→ **The problem**: Give the number of lines in the records below that hold "CompositionType"; nothing else is needed.

Input for this task section start

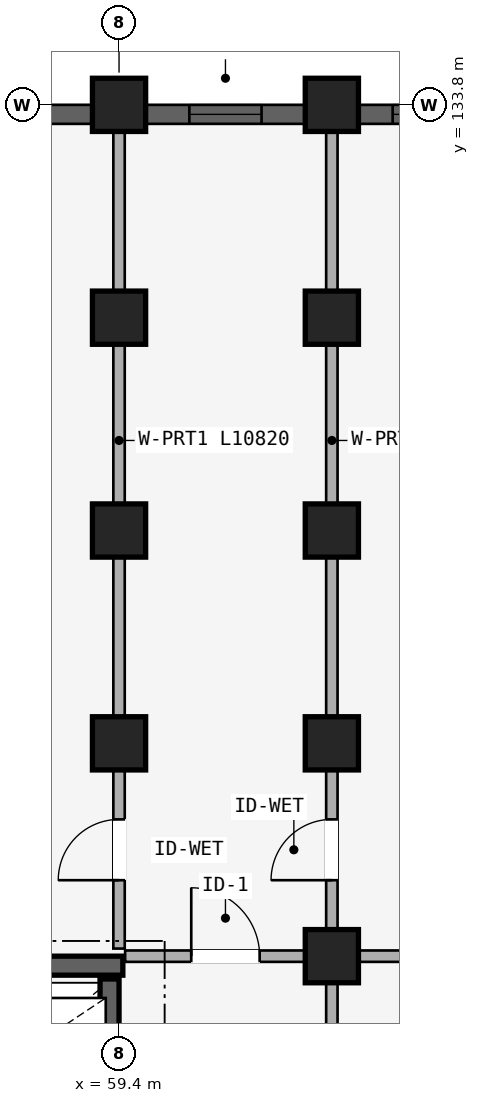
"""IFC4 building model, lengths in metres.
Left out: names, types, materials, properties, quantities, classifications, styles, units other than length and angle.
Written with IfcOpenShell. Run it as: python <this file> out.ifc"""

import sys

from ifc_helpers import new_model, si_unit, direction, frame, frame_2d, origin, origin_2d, place, context, subcontext, project, spatial, rectangle, extrude, element, fill, save


model = new_model("IFC4")
c1 = context("Model", 3, precision=1e-05, world=origin(), true_north=direction((0.0, 1.0)))
c2 = subcontext(c1, "Body", "Model", "MODEL_VIEW")
j1 = project(units=[si_unit("LENGTHUNIT", "METRE"), si_unit("PLANEANGLEUNIT", "RADIAN")], contexts=[c1])
p1 = place(None, origin())
s1 = spatial("IfcSite", under=j1, at=p1, CompositionType="ELEMENT")
p2 = place(p1, origin())
s2 = spatial("IfcBuilding", under=s1, at=p2, CompositionType="ELEMENT")
p3 = place(p2, frame((0.0, 0.0, 27.6)))
s3 = spatial("IfcBuildingStorey", under=s2, at=p3, CompositionType="ELEMENT", Elevation=27.6)
p4 = place(p3, frame((56.65, 122.475, 0.0), z_axis=(0.0, 0.0, 1.0), x_axis=(1.0, 0.0, 0.0)))
e1 = element("IfcWall", 1, at=p4, inside=s3, PredefinedType="SHEAR", context=c2, shape_type="SweptSolid", body=[
    extrude(rectangle(XDim=2.8, YDim=0.25, at=frame_2d((1.4, 0.0))), origin(), (0.0, 0.0, 1.0), 2.93),
])
p5 = place(p3, frame((59.275, 120.15, 0.0), z_axis=(0.0, 0.0, 1.0), x_axis=(0.0, 1.0, 0.0)))
e2 = element("IfcWall", 2, at=p5, inside=s3, PredefinedType="SHEAR", context=c2, shape_type="SweptSolid", body=[
    extrude(rectangle(XDim=2.15, YDim=0.25, at=frame_2d((1.075, 0.0))), origin(), (0.0, 0.0, 1.0), 2.93),
])
for number, where, z_axis, x_axis in (
    (3, (59.4, 125.4, 0.0), (0.0, 0.0, 1.0), (1.0, 0.0, 0.0)),
    (4, (59.4, 128.2, 0.0), (0.0, 0.0, 1.0), (1.0, 0.0, 0.0)),
    (5, (59.4, 131.0, 0.0), (0.0, 0.0, 1.0), (1.0, 0.0, 0.0)),
    (6, (59.4, 133.8, 0.0), (0.0, 0.0, 1.0), (1.0, 0.0, 0.0)),
    (7, (62.2, 122.6, 0.0), (0.0, 0.0, 1.0), (1.0, 0.0, 0.0)),
    (8, (62.2, 125.4, 0.0), (0.0, 0.0, 1.0), (1.0, 0.0, 0.0)),
    (9, (62.2, 128.2, 0.0), (0.0, 0.0, 1.0), (1.0, 0.0, 0.0)),
    (10, (62.2, 131.0, 0.0), (0.0, 0.0, 1.0), (1.0, 0.0, 0.0)),
    (11, (62.2, 133.8, 0.0), (0.0, 0.0, 1.0), (1.0, 0.0, 0.0)),
):
    element("IfcColumn", number, at=place(p3, frame(where, z_axis=z_axis, x_axis=x_axis)), inside=s3, PredefinedType="COLUMN", context=c2, shape_type="SweptSolid", body=[
        extrude(rectangle(XDim=0.7, YDim=0.7, at=origin_2d()), origin(), (0.0, 0.0, 1.0), 2.93),
    ])
p6 = place(p3, frame((59.48, 122.6, 0.0), z_axis=(0.0, 0.0, 1.0), x_axis=(1.0, 0.0, 0.0)))
e12 = element("IfcWall", 12, at=p6, inside=s3, PredefinedType="PLUMBINGWALL", context=c2, shape_type="SweptSolid", body=[
    extrude(rectangle(XDim=2.64, YDim=0.15, at=frame_2d((1.32, 0.0))), origin(), (0.0, 0.0, 1.0), 2.372),
])
p7 = place(p6, frame((0.87, 0.0, 0.0)))
e13 = element("IfcOpeningElement", 13, at=p7, cuts=e12, PredefinedType="OPENING", context=c2, shape_type="SweptSolid", body=[
    extrude(rectangle(XDim=0.9, YDim=2.1, at=frame_2d((0.45, 1.05))), frame((0.0, 0.085, 0.0), z_axis=(0.0, -1.0, 0.0), x_axis=(1.0, 0.0, 0.0)), (0.0, 0.0, 1.0), 0.17),
])
p8 = place(p3, frame((62.28, 122.6, 0.0), z_axis=(0.0, 0.0, 1.0), x_axis=(1.0, 0.0, 0.0)))
e14 = element("IfcWall", 14, at=p8, inside=s3, PredefinedType="PLUMBINGWALL", context=c2, shape_type="SweptSolid", body=[
    extrude(rectangle(XDim=2.64, YDim=0.15, at=frame_2d((1.32, 0.0))), origin(), (0.0, 0.0, 1.0), 2.372),
])
p9 = place(p8, frame((0.92, 0.0, 0.0)))
e15 = element("IfcOpeningElement", 15, at=p9, cuts=e14, PredefinedType="OPENING", context=c2, shape_type="SweptSolid", body=[
    extrude(rectangle(XDim=0.8, YDim=2.1, at=frame_2d((0.4, 1.05))), frame((0.0, 0.085, 0.0), z_axis=(0.0, -1.0, 0.0), x_axis=(1.0, 0.0, 0.0)), (0.0, 0.0, 1.0), 0.17),
])
p10 = place(p3, frame((59.4, 122.7, 0.0), z_axis=(0.0, 0.0, 1.0), x_axis=(0.0, 1.0, 0.0)))
e16 = element("IfcWall", 16, at=p10, inside=s3, PredefinedType="PARTITIONING", context=c2, shape_type="SweptSolid", body=[
    extrude(rectangle(XDim=10.82, YDim=0.15, at=frame_2d((5.41, 0.0))), origin(), (0.0, 0.0, 1.0), 2.372),
])
p11 = place(p10, frame((0.899, 0.0, 0.0)))
e17 = element("IfcOpeningElement", 17, at=p11, cuts=e16, PredefinedType="OPENING", context=c2, shape_type="SweptSolid", body=[
    extrude(rectangle(XDim=0.8, YDim=2.1, at=frame_2d((0.4, 1.05))), frame((0.0, 0.085, 0.0), z_axis=(0.0, -1.0, 0.0), x_axis=(1.0, 0.0, 0.0)), (0.0, 0.0, 1.0), 0.17),
])
p12 = place(p3, frame((62.2, 116.05, 0.0), z_axis=(0.0, 0.0, 1.0), x_axis=(0.0, 1.0, 0.0)))
e18 = element("IfcWall", 18, at=p12, inside=s3, PredefinedType="PARTITIONING", context=c2, shape_type="SweptSolid", body=[
    extrude(rectangle(XDim=6.53, YDim=0.15, at=frame_2d((3.265, 0.0))), origin(), (0.0, 0.0, 1.0), 2.372),
])
p13 = place(p12, frame((2.815, 0.0, 0.0)))
e19 = element("IfcOpeningElement", 19, at=p13, cuts=e18, PredefinedType="OPENING", context=c2, shape_type="SweptSolid", body=[
    extrude(rectangle(XDim=0.9, YDim=2.1, at=frame_2d((0.45, 1.05))), frame((0.0, 0.085, 0.0), z_axis=(0.0, -1.0, 0.0), x_axis=(1.0, 0.0, 0.0)), (0.0, 0.0, 1.0), 0.17),
])
p14 = place(p3, frame((62.2, 122.7, 0.0), z_axis=(0.0, 0.0, 1.0), x_axis=(0.0, 1.0, 0.0)))
e20 = element("IfcWall", 20, at=p14, inside=s3, PredefinedType="PARTITIONING", context=c2, shape_type="SweptSolid", body=[
    extrude(rectangle(XDim=10.82, YDim=0.15, at=frame_2d((5.41, 0.0))), origin(), (0.0, 0.0, 1.0), 2.372),
])
p15 = place(p14, frame((0.899, 0.0, 0.0)))
e21 = element("IfcOpeningElement", 21, at=p15, cuts=e20, PredefinedType="OPENING", context=c2, shape_type="SweptSolid", body=[
    extrude(rectangle(XDim=0.8, YDim=2.1, at=frame_2d((0.4, 1.05))), frame((0.0, 0.085, 0.0), z_axis=(0.0, -1.0, 0.0), x_axis=(1.0, 0.0, 0.0)), (0.0, 0.0, 1.0), 0.17),
])
p16 = place(p3, frame((54.154, 133.675, 0.0), z_axis=(0.0, 0.0, 1.0), x_axis=(1.0, 0.0, 0.0)))
e22 = element("IfcWall", 22, at=p16, inside=s3, PredefinedType="STANDARD", context=c2, shape_type="SweptSolid", body=[
    extrude(rectangle(XDim=4.893, YDim=0.25, at=frame_2d((2.446, 0.0))), origin(), (0.0, 0.0, 1.0), 2.472),
])
p17 = place(p16, frame((1.896, 0.0, 0.822)))
e23 = element("IfcOpeningElement", 23, at=p17, cuts=e22, PredefinedType="OPENING", context=c2, shape_type="SweptSolid", body=[
    extrude(rectangle(XDim=1.1, YDim=1.45, at=frame_2d((0.55, 0.725))), frame((0.0, 0.135, 0.0), z_axis=(0.0, -1.0, 0.0), x_axis=(1.0, 0.0, 0.0)), (0.0, 0.0, 1.0), 0.27),
])
p18 = place(p3, frame((59.753, 133.675, 0.0), z_axis=(0.0, 0.0, 1.0), x_axis=(1.0, 0.0, 0.0)))
e24 = element("IfcWall", 24, at=p18, inside=s3, PredefinedType="STANDARD", context=c2, shape_type="SweptSolid", body=[
    extrude(rectangle(XDim=2.093, YDim=0.25, at=frame_2d((1.046, 0.0))), origin(), (0.0, 0.0, 1.0), 2.472),
])
p19 = place(p18, frame((0.572, 0.0, 0.88)))
e25 = element("IfcOpeningElement", 25, at=p19, cuts=e24, PredefinedType="OPENING", context=c2, shape_type="SweptSolid", body=[
    extrude(rectangle(XDim=0.95, YDim=1.35, at=frame_2d((0.475, 0.675))), frame((0.0, 0.135, 0.0), z_axis=(0.0, -1.0, 0.0), x_axis=(1.0, 0.0, 0.0)), (0.0, 0.0, 1.0), 0.27),
])
p20 = place(p3, frame((62.553, 133.675, 0.0), z_axis=(0.0, 0.0, 1.0), x_axis=(1.0, 0.0, 0.0)))
e26 = element("IfcWall", 26, at=p20, inside=s3, PredefinedType="STANDARD", context=c2, shape_type="SweptSolid", body=[
    extrude(rectangle(XDim=2.093, YDim=0.25, at=frame_2d((1.046, 0.0))), origin(), (0.0, 0.0, 1.0), 2.472),
])
p21 = place(p20, frame((0.447, 0.0, 0.772)))
e27 = element("IfcOpeningElement", 27, at=p21, cuts=e26, PredefinedType="OPENING", context=c2, shape_type="SweptSolid", body=[
    extrude(rectangle(XDim=1.2, YDim=1.5, at=frame_2d((0.6, 0.75))), frame((0.0, 0.135, 0.0), z_axis=(0.0, -1.0, 0.0), x_axis=(1.0, 0.0, 0.0)), (0.0, 0.0, 1.0), 0.27),
])
p22 = place(p19, origin())
e28 = element("IfcWindow", 28, at=p22, inside=s3, PartitioningType="SINGLE_PANEL", PredefinedType="WINDOW", context=c2, shape_type="SweptSolid", body=[
    extrude(rectangle(XDim=0.95, YDim=1.35, at=frame_2d((0.475, 0.675))), frame((0.0, 0.03, 0.0), z_axis=(0.0, -1.0, 0.0), x_axis=(1.0, 0.0, 0.0)), (0.0, 0.0, 1.0), 0.06),
])
fill(e25, e28)
p23 = place(p21, origin())
e29 = element("IfcWindow", 29, at=p23, inside=s3, PartitioningType="SINGLE_PANEL", PredefinedType="WINDOW", context=c2, shape_type="SweptSolid", body=[
    extrude(rectangle(XDim=1.2, YDim=1.5, at=frame_2d((0.6, 0.75))), frame((0.0, 0.03, 0.0), z_axis=(0.0, -1.0, 0.0), x_axis=(1.0, 0.0, 0.0)), (0.0, 0.0, 1.0), 0.06),
])
fill(e27, e29)
p24 = place(p7, frame((0.9, 0.0, 0.0), z_axis=(0.0, 0.0, 1.0), x_axis=(-1.0, 0.0, 0.0)))
e30 = element("IfcDoor", 30, at=p24, inside=s3, OperationType="SINGLE_SWING_RIGHT", PredefinedType="DOOR", context=c2, shape_type="SweptSolid", body=[
    extrude(rectangle(XDim=0.9, YDim=2.1, at=frame_2d((0.45, 1.05))), frame((0.0, 0.025, 0.0), z_axis=(0.0, -1.0, 0.0), x_axis=(1.0, 0.0, 0.0)), (0.0, 0.0, 1.0), 0.05),
])
fill(e13, e30)
p25 = place(p11, origin())
e31 = element("IfcDoor", 31, at=p25, inside=s3, OperationType="SINGLE_SWING_LEFT", PredefinedType="DOOR", context=c2, shape_type="SweptSolid", body=[
    extrude(rectangle(XDim=0.8, YDim=2.1, at=frame_2d((0.4, 1.05))), frame((0.0, 0.025, 0.0), z_axis=(0.0, -1.0, 0.0), x_axis=(1.0, 0.0, 0.0)), (0.0, 0.0, 1.0), 0.05),
])
fill(e17, e31)
p26 = place(p15, frame((0.8, 0.0, 0.0), z_axis=(0.0, 0.0, 1.0), x_axis=(-1.0, 0.0, 0.0)))
e32 = element("IfcDoor", 32, at=p26, inside=s3, OperationType="SINGLE_SWING_RIGHT", PredefinedType="DOOR", context=c2, shape_type="SweptSolid", body=[
    extrude(rectangle(XDim=0.8, YDim=2.1, at=frame_2d((0.4, 1.05))), frame((0.0, 0.025, 0.0), z_axis=(0.0, -1.0, 0.0), x_axis=(1.0, 0.0, 0.0)), (0.0, 0.0, 1.0), 0.05),
])
fill(e21, e32)
save(model, sys.argv[1])

Input for this task section end

→ **Your solution**: 3